=== What you need to do ===
The answer must be a single number, namely how many lines in the entries below contain the string "CompositionType".

=== The data ===
= Beginning of Section =

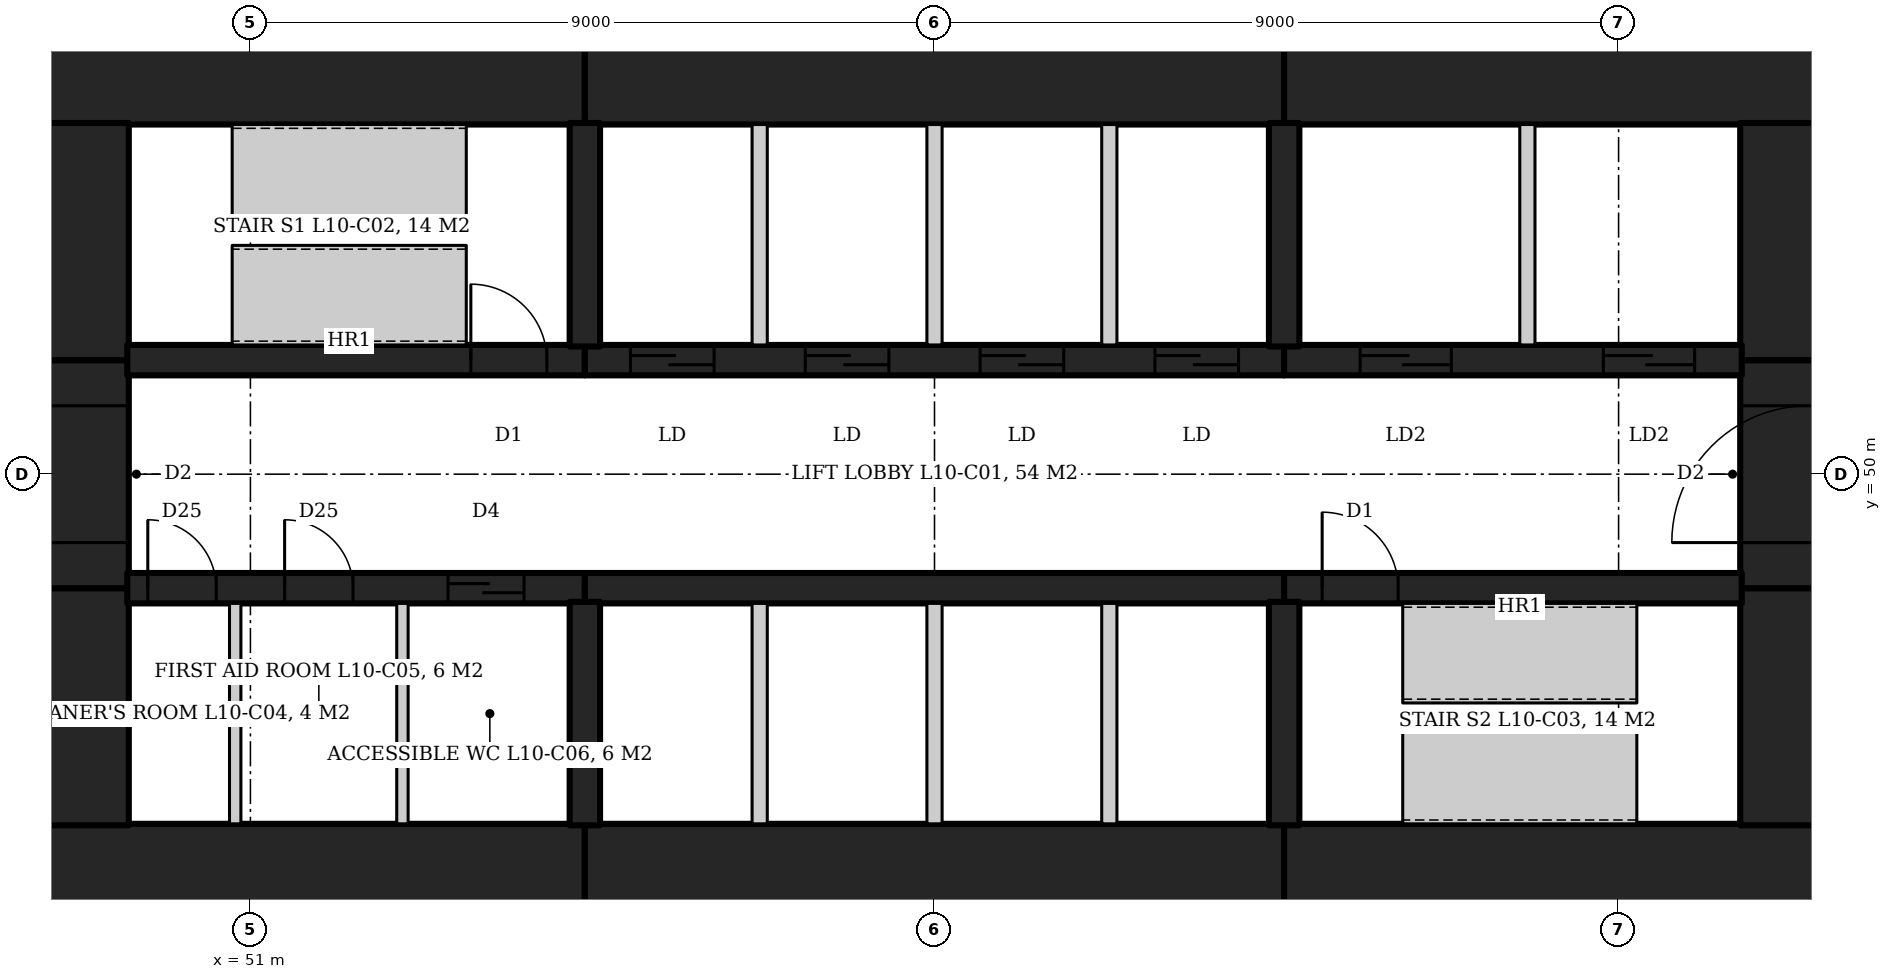
"""IFC4 building model, lengths in metres.
Left out: names, types, materials, properties, quantities, classifications, styles, units other than length and angle.
Written with IfcOpenShell. Run it as: python <this file> out.ifc"""

import sys

from ifc_helpers import new_model, si_unit, direction, frame, frame_2d, origin, place, context, subcontext, project, spatial, rectangle, extrude, element, fill, save


model = new_model("IFC4")
c1 = context("Model", 3, precision=1e-05, world=origin(), true_north=direction((0.0, 1.0)))
c2 = subcontext(c1, "Body", "Model", "MODEL_VIEW")
j1 = project(units=[si_unit("LENGTHUNIT", "METRE"), si_unit("PLANEANGLEUNIT", "RADIAN")], contexts=[c1])
p1 = place(None, origin())
s1 = spatial("IfcSite", under=j1, at=p1, CompositionType="ELEMENT")
p2 = place(p1, origin())
s2 = spatial("IfcBuilding", under=s1, at=p2, CompositionType="ELEMENT")
p3 = place(p2, frame((0.0, 0.0, 42.8)))
s3 = spatial("IfcBuildingStorey", under=s2, at=p3, CompositionType="ELEMENT", Elevation=42.8)
p4 = place(p3, frame((47.6, 55.5, 0.0), z_axis=(0.0, 0.0, 1.0), x_axis=(1.0, 0.0, 0.0)))
e1 = element("IfcWall", 1, at=p4, inside=s3, PredefinedType="SHEAR", context=c2, shape_type="SweptSolid", body=[
    extrude(rectangle(XDim=7.8, YDim=1.8, at=frame_2d((3.9, 0.0))), origin(), (0.0, 0.0, 1.0), 4.2),
])
p5 = place(p3, frame((55.4, 55.5, 0.0), z_axis=(0.0, 0.0, 1.0), x_axis=(1.0, 0.0, 0.0)))
e2 = element("IfcWall", 2, at=p5, inside=s3, PredefinedType="SHEAR", context=c2, shape_type="SweptSolid", body=[
    extrude(rectangle(XDim=9.2, YDim=1.8, at=frame_2d((4.6, 0.0))), origin(), (0.0, 0.0, 1.0), 4.2),
])
for number, where, z_axis, x_axis in (
    (3, (64.6, 55.5, 0.0), (0.0, 0.0, 1.0), (1.0, 0.0, 0.0)),
    (4, (47.6, 44.5, 0.0), (0.0, 0.0, 1.0), (1.0, 0.0, 0.0)),
):
    element("IfcWall", number, at=place(p3, frame(where, z_axis=z_axis, x_axis=x_axis)), inside=s3, PredefinedType="SHEAR", context=c2, shape_type="SweptSolid", body=[
        extrude(rectangle(XDim=7.8, YDim=1.8, at=frame_2d((3.9, 0.0))), origin(), (0.0, 0.0, 1.0), 4.2),
    ])
p6 = place(p3, frame((55.4, 44.5, 0.0), z_axis=(0.0, 0.0, 1.0), x_axis=(1.0, 0.0, 0.0)))
e5 = element("IfcWall", 5, at=p6, inside=s3, PredefinedType="SHEAR", context=c2, shape_type="SweptSolid", body=[
    extrude(rectangle(XDim=9.2, YDim=1.8, at=frame_2d((4.6, 0.0))), origin(), (0.0, 0.0, 1.0), 4.2),
])
p7 = place(p3, frame((64.6, 44.5, 0.0), z_axis=(0.0, 0.0, 1.0), x_axis=(1.0, 0.0, 0.0)))
e6 = element("IfcWall", 6, at=p7, inside=s3, PredefinedType="SHEAR", context=c2, shape_type="SweptSolid", body=[
    extrude(rectangle(XDim=7.8, YDim=1.8, at=frame_2d((3.9, 0.0))), origin(), (0.0, 0.0, 1.0), 4.2),
])
p8 = place(p3, frame((71.5, 45.38, 0.0), z_axis=(0.0, 0.0, 1.0), x_axis=(0.0, 1.0, 0.0)))
e7 = element("IfcWall", 7, at=p8, inside=s3, PredefinedType="SHEAR", context=c2, shape_type="SweptSolid", body=[
    extrude(rectangle(XDim=3.32, YDim=1.8, at=frame_2d((1.66, 0.0))), origin(), (0.0, 0.0, 1.0), 4.2),
])
p9 = place(p3, frame((71.3, 48.7, 0.0), z_axis=(0.0, 0.0, 1.0), x_axis=(0.0, 1.0, 0.0)))
e8 = element("IfcWall", 8, at=p9, inside=s3, PredefinedType="SHEAR", context=c2, shape_type="SweptSolid", body=[
    extrude(rectangle(XDim=2.6, YDim=1.8, at=frame_2d((1.3, 0.0))), origin(), (0.0, 0.0, 1.0), 4.2),
])
p10 = place(p9, frame((0.4, 0.0, 0.0)))
e9 = element("IfcOpeningElement", 9, at=p10, cuts=e8, PredefinedType="OPENING", context=c2, shape_type="SweptSolid", body=[
    extrude(rectangle(XDim=1.8, YDim=2.1, at=frame_2d((0.9, 1.05))), frame((0.0, 0.91, 0.0), z_axis=(0.0, -1.0, 0.0), x_axis=(1.0, 0.0, 0.0)), (0.0, 0.0, 1.0), 1.82),
])
for number, where, z_axis, x_axis in (
    (10, (71.5, 51.3, 0.0), (0.0, 0.0, 1.0), (0.0, 1.0, 0.0)),
    (11, (48.5, 45.38, 0.0), (0.0, 0.0, 1.0), (0.0, 1.0, 0.0)),
):
    element("IfcWall", number, at=place(p3, frame(where, z_axis=z_axis, x_axis=x_axis)), inside=s3, PredefinedType="SHEAR", context=c2, shape_type="SweptSolid", body=[
        extrude(rectangle(XDim=3.32, YDim=1.8, at=frame_2d((1.66, 0.0))), origin(), (0.0, 0.0, 1.0), 4.2),
    ])
p11 = place(p3, frame((48.7, 48.7, 0.0), z_axis=(0.0, 0.0, 1.0), x_axis=(0.0, 1.0, 0.0)))
e12 = element("IfcWall", 12, at=p11, inside=s3, PredefinedType="SHEAR", context=c2, shape_type="SweptSolid", body=[
    extrude(rectangle(XDim=2.6, YDim=1.8, at=frame_2d((1.3, 0.0))), origin(), (0.0, 0.0, 1.0), 4.2),
])
p12 = place(p11, frame((0.4, 0.0, 0.0)))
e13 = element("IfcOpeningElement", 13, at=p12, cuts=e12, PredefinedType="OPENING", context=c2, shape_type="SweptSolid", body=[
    extrude(rectangle(XDim=1.8, YDim=2.1, at=frame_2d((0.9, 1.05))), frame((0.0, 0.91, 0.0), z_axis=(0.0, -1.0, 0.0), x_axis=(1.0, 0.0, 0.0)), (0.0, 0.0, 1.0), 1.82),
])
p13 = place(p3, frame((48.5, 51.3, 0.0), z_axis=(0.0, 0.0, 1.0), x_axis=(0.0, 1.0, 0.0)))
e14 = element("IfcWall", 14, at=p13, inside=s3, PredefinedType="SHEAR", context=c2, shape_type="SweptSolid", body=[
    extrude(rectangle(XDim=3.32, YDim=1.8, at=frame_2d((1.66, 0.0))), origin(), (0.0, 0.0, 1.0), 4.2),
])
p14 = place(p3, frame((49.38, 51.5, 0.0), z_axis=(0.0, 0.0, 1.0), x_axis=(1.0, 0.0, 0.0)))
e15 = element("IfcWall", 15, at=p14, inside=s3, PredefinedType="SHEAR", context=c2, shape_type="SweptSolid", body=[
    extrude(rectangle(XDim=6.02, YDim=0.4, at=frame_2d((3.01, 0.0))), origin(), (0.0, 0.0, 1.0), 4.2),
])
p15 = place(p14, frame((4.52, 0.0, 0.0)))
e16 = element("IfcOpeningElement", 16, at=p15, cuts=e15, PredefinedType="OPENING", context=c2, shape_type="SweptSolid", body=[
    extrude(rectangle(XDim=1.0, YDim=2.1, at=frame_2d((0.5, 1.05))), frame((0.0, 0.21, 0.0), z_axis=(0.0, -1.0, 0.0), x_axis=(1.0, 0.0, 0.0)), (0.0, 0.0, 1.0), 0.42),
])
p16 = place(p3, frame((55.4, 51.5, 0.0), z_axis=(0.0, 0.0, 1.0), x_axis=(1.0, 0.0, 0.0)))
e17 = element("IfcWall", 17, at=p16, inside=s3, PredefinedType="SHEAR", context=c2, shape_type="SweptSolid", body=[
    extrude(rectangle(XDim=9.2, YDim=0.4, at=frame_2d((4.6, 0.0))), origin(), (0.0, 0.0, 1.0), 4.2),
])
p17 = place(p16, frame((0.6, 0.0, 0.0)))
e18 = element("IfcOpeningElement", 18, at=p17, cuts=e17, PredefinedType="OPENING", context=c2, shape_type="SweptSolid", body=[
    extrude(rectangle(XDim=1.1, YDim=2.1, at=frame_2d((0.55, 1.05))), frame((0.0, 0.21, 0.0), z_axis=(0.0, -1.0, 0.0), x_axis=(1.0, 0.0, 0.0)), (0.0, 0.0, 1.0), 0.42),
])
p18 = place(p16, frame((2.9, 0.0, 0.0)))
e19 = element("IfcOpeningElement", 19, at=p18, cuts=e17, PredefinedType="OPENING", context=c2, shape_type="SweptSolid", body=[
    extrude(rectangle(XDim=1.1, YDim=2.1, at=frame_2d((0.55, 1.05))), frame((0.0, 0.21, 0.0), z_axis=(0.0, -1.0, 0.0), x_axis=(1.0, 0.0, 0.0)), (0.0, 0.0, 1.0), 0.42),
])
p19 = place(p16, frame((5.2, 0.0, 0.0)))
e20 = element("IfcOpeningElement", 20, at=p19, cuts=e17, PredefinedType="OPENING", context=c2, shape_type="SweptSolid", body=[
    extrude(rectangle(XDim=1.1, YDim=2.1, at=frame_2d((0.55, 1.05))), frame((0.0, 0.21, 0.0), z_axis=(0.0, -1.0, 0.0), x_axis=(1.0, 0.0, 0.0)), (0.0, 0.0, 1.0), 0.42),
])
p20 = place(p16, frame((7.5, 0.0, 0.0)))
e21 = element("IfcOpeningElement", 21, at=p20, cuts=e17, PredefinedType="OPENING", context=c2, shape_type="SweptSolid", body=[
    extrude(rectangle(XDim=1.1, YDim=2.1, at=frame_2d((0.55, 1.05))), frame((0.0, 0.21, 0.0), z_axis=(0.0, -1.0, 0.0), x_axis=(1.0, 0.0, 0.0)), (0.0, 0.0, 1.0), 0.42),
])
p21 = place(p3, frame((64.6, 51.5, 0.0), z_axis=(0.0, 0.0, 1.0), x_axis=(1.0, 0.0, 0.0)))
e22 = element("IfcWall", 22, at=p21, inside=s3, PredefinedType="SHEAR", context=c2, shape_type="SweptSolid", body=[
    extrude(rectangle(XDim=6.02, YDim=0.4, at=frame_2d((3.01, 0.0))), origin(), (0.0, 0.0, 1.0), 4.2),
])
p22 = place(p21, frame((1.0, 0.0, 0.0)))
e23 = element("IfcOpeningElement", 23, at=p22, cuts=e22, PredefinedType="OPENING", context=c2, shape_type="SweptSolid", body=[
    extrude(rectangle(XDim=1.2, YDim=2.1, at=frame_2d((0.6, 1.05))), frame((0.0, 0.21, 0.0), z_axis=(0.0, -1.0, 0.0), x_axis=(1.0, 0.0, 0.0)), (0.0, 0.0, 1.0), 0.42),
])
p23 = place(p21, frame((4.2, 0.0, 0.0)))
e24 = element("IfcOpeningElement", 24, at=p23, cuts=e22, PredefinedType="OPENING", context=c2, shape_type="SweptSolid", body=[
    extrude(rectangle(XDim=1.2, YDim=2.1, at=frame_2d((0.6, 1.05))), frame((0.0, 0.21, 0.0), z_axis=(0.0, -1.0, 0.0), x_axis=(1.0, 0.0, 0.0)), (0.0, 0.0, 1.0), 0.42),
])
p24 = place(p3, frame((49.38, 48.5, 0.0), z_axis=(0.0, 0.0, 1.0), x_axis=(1.0, 0.0, 0.0)))
e25 = element("IfcWall", 25, at=p24, inside=s3, PredefinedType="SHEAR", context=c2, shape_type="SweptSolid", body=[
    extrude(rectangle(XDim=6.02, YDim=0.4, at=frame_2d((3.01, 0.0))), origin(), (0.0, 0.0, 1.0), 4.2),
])
p25 = place(p24, frame((0.27, 0.0, 0.0)))
e26 = element("IfcOpeningElement", 26, at=p25, cuts=e25, PredefinedType="OPENING", context=c2, shape_type="SweptSolid", body=[
    extrude(rectangle(XDim=0.9, YDim=2.1, at=frame_2d((0.45, 1.05))), frame((0.0, 0.21, 0.0), z_axis=(0.0, -1.0, 0.0), x_axis=(1.0, 0.0, 0.0)), (0.0, 0.0, 1.0), 0.42),
])
p26 = place(p24, frame((2.07, 0.0, 0.0)))
e27 = element("IfcOpeningElement", 27, at=p26, cuts=e25, PredefinedType="OPENING", context=c2, shape_type="SweptSolid", body=[
    extrude(rectangle(XDim=0.9, YDim=2.1, at=frame_2d((0.45, 1.05))), frame((0.0, 0.21, 0.0), z_axis=(0.0, -1.0, 0.0), x_axis=(1.0, 0.0, 0.0)), (0.0, 0.0, 1.0), 0.42),
])
p27 = place(p24, frame((4.22, 0.0, 0.0)))
e28 = element("IfcOpeningElement", 28, at=p27, cuts=e25, PredefinedType="OPENING", context=c2, shape_type="SweptSolid", body=[
    extrude(rectangle(XDim=1.0, YDim=2.1, at=frame_2d((0.5, 1.05))), frame((0.0, 0.21, 0.0), z_axis=(0.0, -1.0, 0.0), x_axis=(1.0, 0.0, 0.0)), (0.0, 0.0, 1.0), 0.42),
])
p28 = place(p3, frame((55.4, 48.5, 0.0), z_axis=(0.0, 0.0, 1.0), x_axis=(1.0, 0.0, 0.0)))
e29 = element("IfcWall", 29, at=p28, inside=s3, PredefinedType="SHEAR", context=c2, shape_type="SweptSolid", body=[
    extrude(rectangle(XDim=9.2, YDim=0.4, at=frame_2d((4.6, 0.0))), origin(), (0.0, 0.0, 1.0), 4.2),
])
p29 = place(p3, frame((64.6, 48.5, 0.0), z_axis=(0.0, 0.0, 1.0), x_axis=(1.0, 0.0, 0.0)))
e30 = element("IfcWall", 30, at=p29, inside=s3, PredefinedType="SHEAR", context=c2, shape_type="SweptSolid", body=[
    extrude(rectangle(XDim=6.02, YDim=0.4, at=frame_2d((3.01, 0.0))), origin(), (0.0, 0.0, 1.0), 4.2),
])
p30 = place(p29, frame((0.5, 0.0, 0.0)))
e31 = element("IfcOpeningElement", 31, at=p30, cuts=e30, PredefinedType="OPENING", context=c2, shape_type="SweptSolid", body=[
    extrude(rectangle(XDim=1.0, YDim=2.1, at=frame_2d((0.5, 1.05))), frame((0.0, 0.21, 0.0), z_axis=(0.0, -1.0, 0.0), x_axis=(1.0, 0.0, 0.0)), (0.0, 0.0, 1.0), 0.42),
])
for number, where, z_axis, x_axis in (
    (32, (55.4, 51.68, 0.0), (0.0, 0.0, 1.0), (0.0, 1.0, 0.0)),
    (33, (64.6, 51.68, 0.0), (0.0, 0.0, 1.0), (0.0, 1.0, 0.0)),
    (34, (55.4, 48.32, 0.0), (0.0, 0.0, 1.0), (0.0, -1.0, 0.0)),
    (35, (64.6, 48.32, 0.0), (0.0, 0.0, 1.0), (0.0, -1.0, 0.0)),
):
    element("IfcWall", number, at=place(p3, frame(where, z_axis=z_axis, x_axis=x_axis)), inside=s3, PredefinedType="SHEAR", context=c2, shape_type="SweptSolid", body=[
        extrude(rectangle(XDim=2.94, YDim=0.4, at=frame_2d((1.47, 0.0))), origin(), (0.0, 0.0, 1.0), 4.2),
    ])
for number, where, z_axis, x_axis in (
    (36, (57.7, 51.7, 0.0), (0.0, 0.0, 1.0), (0.0, 1.0, 0.0)),
    (37, (60.0, 51.7, 0.0), (0.0, 0.0, 1.0), (0.0, 1.0, 0.0)),
    (38, (62.3, 51.7, 0.0), (0.0, 0.0, 1.0), (0.0, 1.0, 0.0)),
    (39, (57.7, 45.4, 0.0), (0.0, 0.0, 1.0), (0.0, 1.0, 0.0)),
    (40, (60.0, 45.4, 0.0), (0.0, 0.0, 1.0), (0.0, 1.0, 0.0)),
    (41, (62.3, 45.4, 0.0), (0.0, 0.0, 1.0), (0.0, 1.0, 0.0)),
    (42, (67.8, 51.7, 0.0), (0.0, 0.0, 1.0), (0.0, 1.0, 0.0)),
):
    element("IfcWall", number, at=place(p3, frame(where, z_axis=z_axis, x_axis=x_axis)), inside=s3, PredefinedType="PARTITIONING", context=c2, shape_type="SweptSolid", body=[
        extrude(rectangle(XDim=2.9, YDim=0.2, at=frame_2d((1.45, 0.0))), origin(), (0.0, 0.0, 1.0), 4.2),
    ])
for number, where, z_axis, x_axis in (
    (43, (50.8, 45.4, 0.0), (0.0, 0.0, 1.0), (0.0, 1.0, 0.0)),
    (44, (53.0, 45.4, 0.0), (0.0, 0.0, 1.0), (0.0, 1.0, 0.0)),
):
    element("IfcWall", number, at=place(p3, frame(where, z_axis=z_axis, x_axis=x_axis)), inside=s3, PredefinedType="PARTITIONING", context=c2, shape_type="SweptSolid", body=[
        extrude(rectangle(XDim=2.9, YDim=0.15, at=frame_2d((1.45, 0.0))), origin(), (0.0, 0.0, 1.0), 4.04),
    ])
p31 = place(p15, origin())
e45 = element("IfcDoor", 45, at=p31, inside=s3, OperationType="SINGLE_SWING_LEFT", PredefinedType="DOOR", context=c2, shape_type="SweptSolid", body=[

= End of Section =

=== Solution for this task ===
3